§ Task to carry out:
Filter the data below for the string "SweptSolid" and copy each matching line.

§ Exercise material:
+-------+

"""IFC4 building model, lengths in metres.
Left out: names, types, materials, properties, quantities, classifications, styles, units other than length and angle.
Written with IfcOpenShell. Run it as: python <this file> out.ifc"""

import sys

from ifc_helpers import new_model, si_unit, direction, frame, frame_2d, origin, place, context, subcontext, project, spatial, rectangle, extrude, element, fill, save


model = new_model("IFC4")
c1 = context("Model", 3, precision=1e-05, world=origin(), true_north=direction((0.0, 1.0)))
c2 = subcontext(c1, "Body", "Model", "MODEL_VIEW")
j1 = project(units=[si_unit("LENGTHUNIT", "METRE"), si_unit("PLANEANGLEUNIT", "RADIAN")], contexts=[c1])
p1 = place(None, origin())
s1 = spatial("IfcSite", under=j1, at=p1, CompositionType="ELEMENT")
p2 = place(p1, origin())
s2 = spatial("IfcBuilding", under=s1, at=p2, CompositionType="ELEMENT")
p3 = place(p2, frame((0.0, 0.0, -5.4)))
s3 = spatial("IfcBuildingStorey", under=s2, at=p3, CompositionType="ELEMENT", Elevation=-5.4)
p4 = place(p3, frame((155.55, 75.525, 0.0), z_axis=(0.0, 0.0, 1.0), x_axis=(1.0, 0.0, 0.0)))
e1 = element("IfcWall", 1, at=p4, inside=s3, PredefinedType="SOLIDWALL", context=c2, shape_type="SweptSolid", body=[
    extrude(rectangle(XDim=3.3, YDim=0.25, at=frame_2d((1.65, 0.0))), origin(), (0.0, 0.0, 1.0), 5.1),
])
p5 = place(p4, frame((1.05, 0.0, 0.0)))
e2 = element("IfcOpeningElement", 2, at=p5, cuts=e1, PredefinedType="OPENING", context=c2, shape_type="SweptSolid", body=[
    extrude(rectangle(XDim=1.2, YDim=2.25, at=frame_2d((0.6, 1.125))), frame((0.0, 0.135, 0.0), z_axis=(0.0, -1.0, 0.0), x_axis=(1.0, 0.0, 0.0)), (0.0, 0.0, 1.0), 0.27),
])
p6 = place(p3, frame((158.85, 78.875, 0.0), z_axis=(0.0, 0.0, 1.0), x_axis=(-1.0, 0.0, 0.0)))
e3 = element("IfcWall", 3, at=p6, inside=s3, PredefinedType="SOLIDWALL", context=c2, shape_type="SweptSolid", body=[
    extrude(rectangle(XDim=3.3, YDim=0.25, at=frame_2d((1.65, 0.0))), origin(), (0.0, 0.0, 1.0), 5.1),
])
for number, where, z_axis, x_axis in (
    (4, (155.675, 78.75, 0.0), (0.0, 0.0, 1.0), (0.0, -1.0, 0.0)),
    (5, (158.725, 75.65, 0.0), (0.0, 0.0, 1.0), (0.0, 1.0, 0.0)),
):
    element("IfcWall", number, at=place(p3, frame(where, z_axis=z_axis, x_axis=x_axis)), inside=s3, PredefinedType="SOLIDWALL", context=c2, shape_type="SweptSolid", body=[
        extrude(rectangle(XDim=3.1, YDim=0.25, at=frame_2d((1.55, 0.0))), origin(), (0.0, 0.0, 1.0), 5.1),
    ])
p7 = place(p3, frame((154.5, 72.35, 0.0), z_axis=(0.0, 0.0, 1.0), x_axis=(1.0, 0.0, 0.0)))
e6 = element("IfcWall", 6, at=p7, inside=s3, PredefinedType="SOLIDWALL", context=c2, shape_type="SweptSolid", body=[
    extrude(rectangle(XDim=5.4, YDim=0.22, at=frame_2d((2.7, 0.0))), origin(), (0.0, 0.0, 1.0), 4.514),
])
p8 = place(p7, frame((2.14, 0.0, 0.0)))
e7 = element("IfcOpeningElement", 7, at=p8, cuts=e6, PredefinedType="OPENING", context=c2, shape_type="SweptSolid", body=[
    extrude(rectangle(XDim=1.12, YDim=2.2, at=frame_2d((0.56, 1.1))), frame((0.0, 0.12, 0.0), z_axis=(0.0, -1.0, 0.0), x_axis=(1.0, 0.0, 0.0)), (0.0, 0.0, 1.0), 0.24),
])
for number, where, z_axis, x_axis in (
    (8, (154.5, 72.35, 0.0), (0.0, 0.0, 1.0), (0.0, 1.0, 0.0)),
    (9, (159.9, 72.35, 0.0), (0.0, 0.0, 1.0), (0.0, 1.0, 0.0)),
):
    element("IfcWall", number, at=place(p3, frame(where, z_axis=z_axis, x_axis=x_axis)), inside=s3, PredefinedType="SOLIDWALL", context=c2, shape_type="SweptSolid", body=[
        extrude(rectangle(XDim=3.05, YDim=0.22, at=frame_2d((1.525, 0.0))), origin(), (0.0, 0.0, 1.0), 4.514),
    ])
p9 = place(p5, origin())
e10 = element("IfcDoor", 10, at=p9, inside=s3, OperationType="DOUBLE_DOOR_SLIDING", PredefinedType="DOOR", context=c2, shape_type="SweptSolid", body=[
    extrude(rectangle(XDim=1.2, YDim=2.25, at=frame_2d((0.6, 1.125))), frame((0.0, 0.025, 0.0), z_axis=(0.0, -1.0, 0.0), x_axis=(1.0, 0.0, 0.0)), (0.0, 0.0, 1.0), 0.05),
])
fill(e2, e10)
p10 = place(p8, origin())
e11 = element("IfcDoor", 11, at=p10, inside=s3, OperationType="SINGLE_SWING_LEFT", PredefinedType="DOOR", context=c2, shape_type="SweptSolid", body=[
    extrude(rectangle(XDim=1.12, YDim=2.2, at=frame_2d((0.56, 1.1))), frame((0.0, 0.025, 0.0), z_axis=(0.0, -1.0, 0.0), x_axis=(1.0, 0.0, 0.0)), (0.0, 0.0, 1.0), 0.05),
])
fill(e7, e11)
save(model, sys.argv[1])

+-------+

§ Exercise solution:
e1 = element("IfcWall", 1, at=p4, inside=s3, PredefinedType="SOLIDWALL", context=c2, shape_type="SweptSolid", body=[
e2 = element("IfcOpeningElement", 2, at=p5, cuts=e1, PredefinedType="OPENING", context=c2, shape_type="SweptSolid", body=[
e3 = element("IfcWall", 3, at=p6, inside=s3, PredefinedType="SOLIDWALL", context=c2, shape_type="SweptSolid", body=[
    element("IfcWall", number, at=place(p3, frame(where, z_axis=z_axis, x_axis=x_axis)), inside=s3, PredefinedType="SOLIDWALL", context=c2, shape_type="SweptSolid", body=[
e6 = element("IfcWall", 6, at=p7, inside=s3, PredefinedType="SOLIDWALL", context=c2, shape_type="SweptSolid", body=[
e7 = element("IfcOpeningElement", 7, at=p8, cuts=e6, PredefinedType="OPENING", context=c2, shape_type="SweptSolid", body=[
    element("IfcWall", number, at=place(p3, frame(where, z_axis=z_axis, x_axis=x_axis)), inside=s3, PredefinedType="SOLIDWALL", context=c2, shape_type="SweptSolid", body=[
e10 = element("IfcDoor", 10, at=p9, inside=s3, OperationType="DOUBLE_DOOR_SLIDING", PredefinedType="DOOR", context=c2, shape_type="SweptSolid", body=[
e11 = element("IfcDoor", 11, at=p10, inside=s3, OperationType="SINGLE_SWING_LEFT", PredefinedType="DOOR", context=c2, shape_type="SweptSolid", body=[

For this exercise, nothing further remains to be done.